_ABOUT THIS EXERCISE_
Lines with "direction": pull these out of the listing below.

_DATA RECORDS_
————

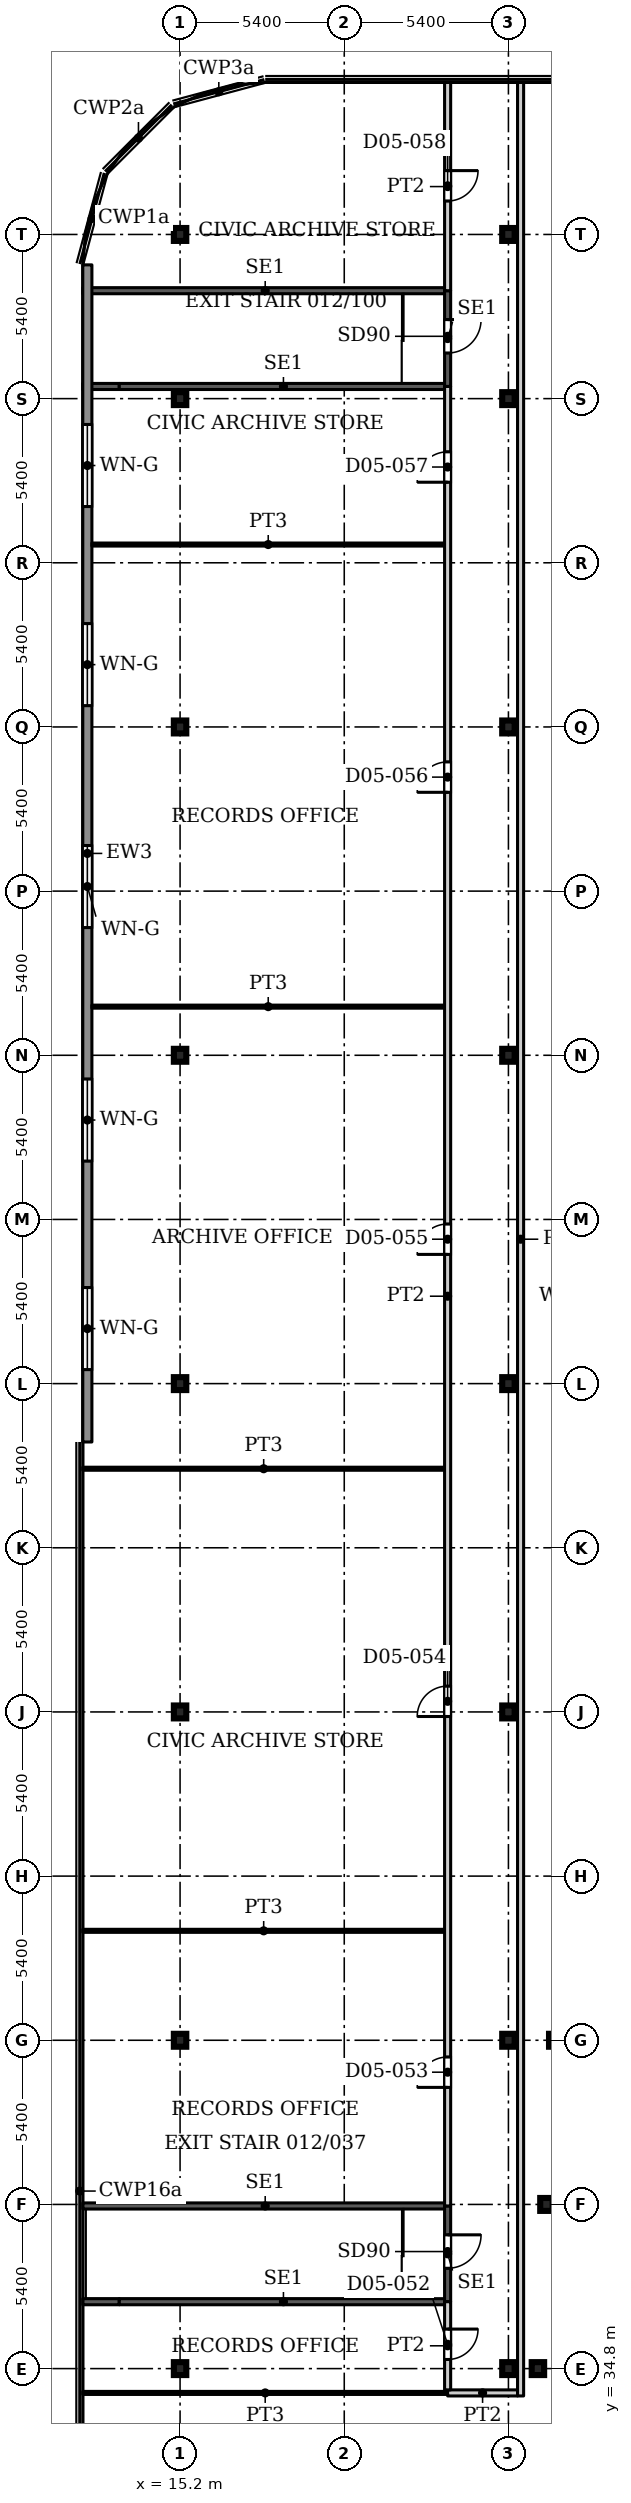
"""IFC4 building model, lengths in metres.
Left out: names, types, materials, properties, quantities, classifications, styles, units other than length and angle.
Written with IfcOpenShell. Run it as: python <this file> out.ifc"""

import sys

from ifc_helpers import new_model, si_unit, direction, frame, frame_2d, origin, origin_2d, place, context, subcontext, project, spatial, rectangle, i_section, extrude, source, transform, mapped, element, fill, save


model = new_model("IFC4")
c1 = context("Model", 3, precision=1e-05, world=origin(), true_north=direction((0.0, 1.0)))
c2 = subcontext(c1, "Body", "Model", "MODEL_VIEW")
j1 = project(units=[si_unit("LENGTHUNIT", "METRE"), si_unit("PLANEANGLEUNIT", "RADIAN")], contexts=[c1])
p1 = place(None, origin())
s1 = spatial("IfcSite", under=j1, at=p1, CompositionType="ELEMENT")
p2 = place(p1, origin())
s2 = spatial("IfcBuilding", under=s1, at=p2, CompositionType="ELEMENT")
p3 = place(p2, frame((0.0, 0.0, 26.0)))
s3 = spatial("IfcBuildingStorey", under=s2, at=p3, CompositionType="ELEMENT", Elevation=26.0)
for number, where, z_axis, x_axis in (
    (1, (15.2, 34.8, 0.0), (0.0, 0.0, 1.0), (1.0, 0.0, 0.0)),
    (2, (26.0, 34.8, 0.0), (0.0, 0.0, 1.0), (1.0, 0.0, 0.0)),
    (3, (15.2, 45.6, 0.0), (0.0, 0.0, 1.0), (1.0, 0.0, 0.0)),
    (4, (26.0, 45.6, 0.0), (0.0, 0.0, 1.0), (1.0, 0.0, 0.0)),
    (5, (15.2, 56.4, 0.0), (0.0, 0.0, 1.0), (1.0, 0.0, 0.0)),
    (6, (26.0, 56.4, 0.0), (0.0, 0.0, 1.0), (1.0, 0.0, 0.0)),
    (7, (15.2, 67.2, 0.0), (0.0, 0.0, 1.0), (1.0, 0.0, 0.0)),
    (8, (26.0, 67.2, 0.0), (0.0, 0.0, 1.0), (1.0, 0.0, 0.0)),
    (9, (15.2, 78.0, 0.0), (0.0, 0.0, 1.0), (1.0, 0.0, 0.0)),
    (10, (26.0, 78.0, 0.0), (0.0, 0.0, 1.0), (1.0, 0.0, 0.0)),
    (11, (15.2, 88.8, 0.0), (0.0, 0.0, 1.0), (1.0, 0.0, 0.0)),
    (12, (26.0, 88.8, 0.0), (0.0, 0.0, 1.0), (1.0, 0.0, 0.0)),
    (13, (15.2, 99.6, 0.0), (0.0, 0.0, 1.0), (1.0, 0.0, 0.0)),
    (14, (26.0, 99.6, 0.0), (0.0, 0.0, 1.0), (1.0, 0.0, 0.0)),
    (15, (15.2, 105.0, 0.0), (0.0, 0.0, 1.0), (1.0, 0.0, 0.0)),
    (16, (26.0, 105.0, 0.0), (0.0, 0.0, 1.0), (1.0, 0.0, 0.0)),
    (17, (26.97, 34.8, 0.0), (0.0, 0.0, 1.0), (1.0, 0.0, 0.0)),
    (18, (27.25, 40.2, 0.0), (0.0, 0.0, 1.0), (1.0, 0.0, 0.0)),
    (19, (27.54, 45.6, 0.0), (0.0, 0.0, 1.0), (1.0, 0.0, 0.0)),
):
    element("IfcColumn", number, at=place(p3, frame(where, z_axis=z_axis, x_axis=x_axis)), inside=s3, PredefinedType="COLUMN", context=c2, shape_type="SweptSolid", body=[
        extrude(i_section(OverallWidth=0.409, OverallDepth=0.425, WebThickness=0.033, FlangeThickness=0.052, FilletRadius=0.013, at=origin_2d()), origin(), (0.0, 0.0, 1.0), 4.5),
    ])
p4 = place(p3, frame((12.15, 65.28, 0.0), z_axis=(0.0, 0.0, 1.0), x_axis=(0.0, 1.0, 0.0)))
e20 = element("IfcWall", 20, at=p4, inside=s3, PredefinedType="SOLIDWALL", context=c2, shape_type="SweptSolid", body=[
    extrude(rectangle(XDim=38.72, YDim=0.3, at=frame_2d((19.36, 0.0))), origin(), (0.0, 0.0, 1.0), 4.25),
])
p5 = place(p4, frame((2.38, 0.0, 2.4)))
e21 = element("IfcOpeningElement", 21, at=p5, cuts=e20, PredefinedType="OPENING", context=c2, shape_type="SweptSolid", body=[
    extrude(rectangle(XDim=2.7, YDim=1.2, at=frame_2d((1.35, 0.6))), frame((0.0, 0.16, 0.0), z_axis=(0.0, -1.0, 0.0), x_axis=(1.0, 0.0, 0.0)), (0.0, 0.0, 1.0), 0.32),
])
p6 = place(p4, frame((9.24, 0.0, 2.4)))
e22 = element("IfcOpeningElement", 22, at=p6, cuts=e20, PredefinedType="OPENING", context=c2, shape_type="SweptSolid", body=[
    extrude(rectangle(XDim=2.7, YDim=1.2, at=frame_2d((1.35, 0.6))), frame((0.0, 0.16, 0.0), z_axis=(0.0, -1.0, 0.0), x_axis=(1.0, 0.0, 0.0)), (0.0, 0.0, 1.0), 0.32),
])
p7 = place(p4, frame((16.92, 0.0, 2.4)))
e23 = element("IfcOpeningElement", 23, at=p7, cuts=e20, PredefinedType="OPENING", context=c2, shape_type="SweptSolid", body=[
    extrude(rectangle(XDim=2.7, YDim=1.2, at=frame_2d((1.35, 0.6))), frame((0.0, 0.16, 0.0), z_axis=(0.0, -1.0, 0.0), x_axis=(1.0, 0.0, 0.0)), (0.0, 0.0, 1.0), 0.32),
])
p8 = place(p4, frame((24.22, 0.0, 2.4)))
e24 = element("IfcOpeningElement", 24, at=p8, cuts=e20, PredefinedType="OPENING", context=c2, shape_type="SweptSolid", body=[
    extrude(rectangle(XDim=2.7, YDim=1.2, at=frame_2d((1.35, 0.6))), frame((0.0, 0.16, 0.0), z_axis=(0.0, -1.0, 0.0), x_axis=(1.0, 0.0, 0.0)), (0.0, 0.0, 1.0), 0.32),
])
p9 = place(p4, frame((30.77, 0.0, 2.4)))
e25 = element("IfcOpeningElement", 25, at=p9, cuts=e20, PredefinedType="OPENING", context=c2, shape_type="SweptSolid", body=[
    extrude(rectangle(XDim=2.7, YDim=1.2, at=frame_2d((1.35, 0.6))), frame((0.0, 0.16, 0.0), z_axis=(0.0, -1.0, 0.0), x_axis=(1.0, 0.0, 0.0)), (0.0, 0.0, 1.0), 0.32),
])
p10 = place(p3, frame((12.0, 37.0, 0.0), z_axis=(0.0, 0.0, 1.0), x_axis=(1.0, 0.0, 0.0)))
e26 = element("IfcWall", 26, at=p10, inside=s3, PredefinedType="SHEAR", context=c2, shape_type="SweptSolid", body=[
    extrude(rectangle(XDim=1.2, YDim=0.2, at=frame_2d((0.6, 0.0))), origin(), (0.0, 0.0, 1.0), 4.5),
])
p11 = place(p3, frame((13.2, 37.0, 0.0), z_axis=(0.0, 0.0, 1.0), x_axis=(1.0, 0.0, 0.0)))
e27 = element("IfcWall", 27, at=p11, inside=s3, PredefinedType="SHEAR", context=c2, shape_type="SweptSolid", body=[
    extrude(rectangle(XDim=10.8, YDim=0.2, at=frame_2d((5.4, 0.0))), origin(), (0.0, 0.0, 1.0), 4.5),
])
p12 = place(p3, frame((12.0, 40.15, 0.0), z_axis=(0.0, 0.0, 1.0), x_axis=(1.0, 0.0, 0.0)))
e28 = element("IfcWall", 28, at=p12, inside=s3, PredefinedType="SHEAR", context=c2, shape_type="SweptSolid", body=[
    extrude(rectangle(XDim=12.0, YDim=0.2, at=frame_2d((6.0, 0.0))), origin(), (0.0, 0.0, 1.0), 4.5),
])
p13 = place(p3, frame((24.0, 37.0, 0.0), z_axis=(0.0, 0.0, 1.0), x_axis=(0.0, 1.0, 0.0)))
e29 = element("IfcWall", 29, at=p13, inside=s3, PredefinedType="SHEAR", context=c2, shape_type="SweptSolid", body=[
    extrude(rectangle(XDim=3.15, YDim=0.2, at=frame_2d((1.575, 0.0))), origin(), (0.0, 0.0, 1.0), 4.5),
])
p14 = place(p13, frame((1.1, 0.0, 0.0)))
e30 = element("IfcOpeningElement", 30, at=p14, cuts=e29, PredefinedType="OPENING", context=c2, shape_type="SweptSolid", body=[
    extrude(rectangle(XDim=1.1, YDim=2.2, at=frame_2d((0.55, 1.1))), frame((0.0, 0.11, 0.0), z_axis=(0.0, -1.0, 0.0), x_axis=(1.0, 0.0, 0.0)), (0.0, 0.0, 1.0), 0.22),
])
p15 = place(p3, frame((12.0, 100.0, 0.0), z_axis=(0.0, 0.0, 1.0), x_axis=(1.0, 0.0, 0.0)))
e31 = element("IfcWall", 31, at=p15, inside=s3, PredefinedType="SHEAR", context=c2, shape_type="SweptSolid", body=[
    extrude(rectangle(XDim=1.2, YDim=0.2, at=frame_2d((0.6, 0.0))), origin(), (0.0, 0.0, 1.0), 4.5),
])
p16 = place(p3, frame((13.2, 100.0, 0.0), z_axis=(0.0, 0.0, 1.0), x_axis=(1.0, 0.0, 0.0)))
e32 = element("IfcWall", 32, at=p16, inside=s3, PredefinedType="SHEAR", context=c2, shape_type="SweptSolid", body=[
    extrude(rectangle(XDim=10.8, YDim=0.2, at=frame_2d((5.4, 0.0))), origin(), (0.0, 0.0, 1.0), 4.5),
])
p17 = place(p3, frame((12.0, 103.15, 0.0), z_axis=(0.0, 0.0, 1.0), x_axis=(1.0, 0.0, 0.0)))
e33 = element("IfcWall", 33, at=p17, inside=s3, PredefinedType="SHEAR", context=c2, shape_type="SweptSolid", body=[
    extrude(rectangle(XDim=12.0, YDim=0.2, at=frame_2d((6.0, 0.0))), origin(), (0.0, 0.0, 1.0), 4.5),
])
p18 = place(p3, frame((24.0, 100.0, 0.0), z_axis=(0.0, 0.0, 1.0), x_axis=(0.0, 1.0, 0.0)))
e34 = element("IfcWall", 34, at=p18, inside=s3, PredefinedType="SHEAR", context=c2, shape_type="SweptSolid", body=[
    extrude(rectangle(XDim=3.15, YDim=0.2, at=frame_2d((1.575, 0.0))), origin(), (0.0, 0.0, 1.0), 4.5),
])
p19 = place(p18, frame((1.1, 0.0, 0.0)))
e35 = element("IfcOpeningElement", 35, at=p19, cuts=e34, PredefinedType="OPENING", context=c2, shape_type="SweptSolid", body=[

————

_REPLY_
from ifc_helpers import new_model, si_unit, direction, frame, frame_2d, origin, origin_2d, place, context, subcontext, project, spatial, rectangle, i_section, extrude, source, transform, mapped, element, fill, save
c1 = context("Model", 3, precision=1e-05, world=origin(), true_north=direction((0.0, 1.0)))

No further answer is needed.